* EXERCISE DIRECTIONS *
If a line in the records below holds the string "normal", count it, and state only the final count.

* DATA *

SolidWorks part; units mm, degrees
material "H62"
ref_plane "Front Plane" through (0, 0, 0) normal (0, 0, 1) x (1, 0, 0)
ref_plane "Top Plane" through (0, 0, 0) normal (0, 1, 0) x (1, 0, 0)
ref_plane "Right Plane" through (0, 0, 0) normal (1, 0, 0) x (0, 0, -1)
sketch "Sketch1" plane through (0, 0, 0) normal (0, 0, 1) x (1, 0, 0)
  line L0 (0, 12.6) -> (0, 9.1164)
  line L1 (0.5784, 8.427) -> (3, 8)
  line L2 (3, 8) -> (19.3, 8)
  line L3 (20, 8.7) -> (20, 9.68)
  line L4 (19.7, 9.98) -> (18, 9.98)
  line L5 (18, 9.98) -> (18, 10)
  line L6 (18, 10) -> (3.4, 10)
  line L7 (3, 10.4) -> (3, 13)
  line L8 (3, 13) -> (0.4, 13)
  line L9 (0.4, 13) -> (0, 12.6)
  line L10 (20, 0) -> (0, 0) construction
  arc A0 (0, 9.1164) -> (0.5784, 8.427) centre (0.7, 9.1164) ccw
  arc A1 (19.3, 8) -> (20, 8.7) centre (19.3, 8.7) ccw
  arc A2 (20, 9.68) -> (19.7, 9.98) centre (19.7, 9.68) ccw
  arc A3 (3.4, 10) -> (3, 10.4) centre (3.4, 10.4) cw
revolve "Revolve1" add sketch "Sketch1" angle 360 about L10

* EXERCISE OUTPUT *
4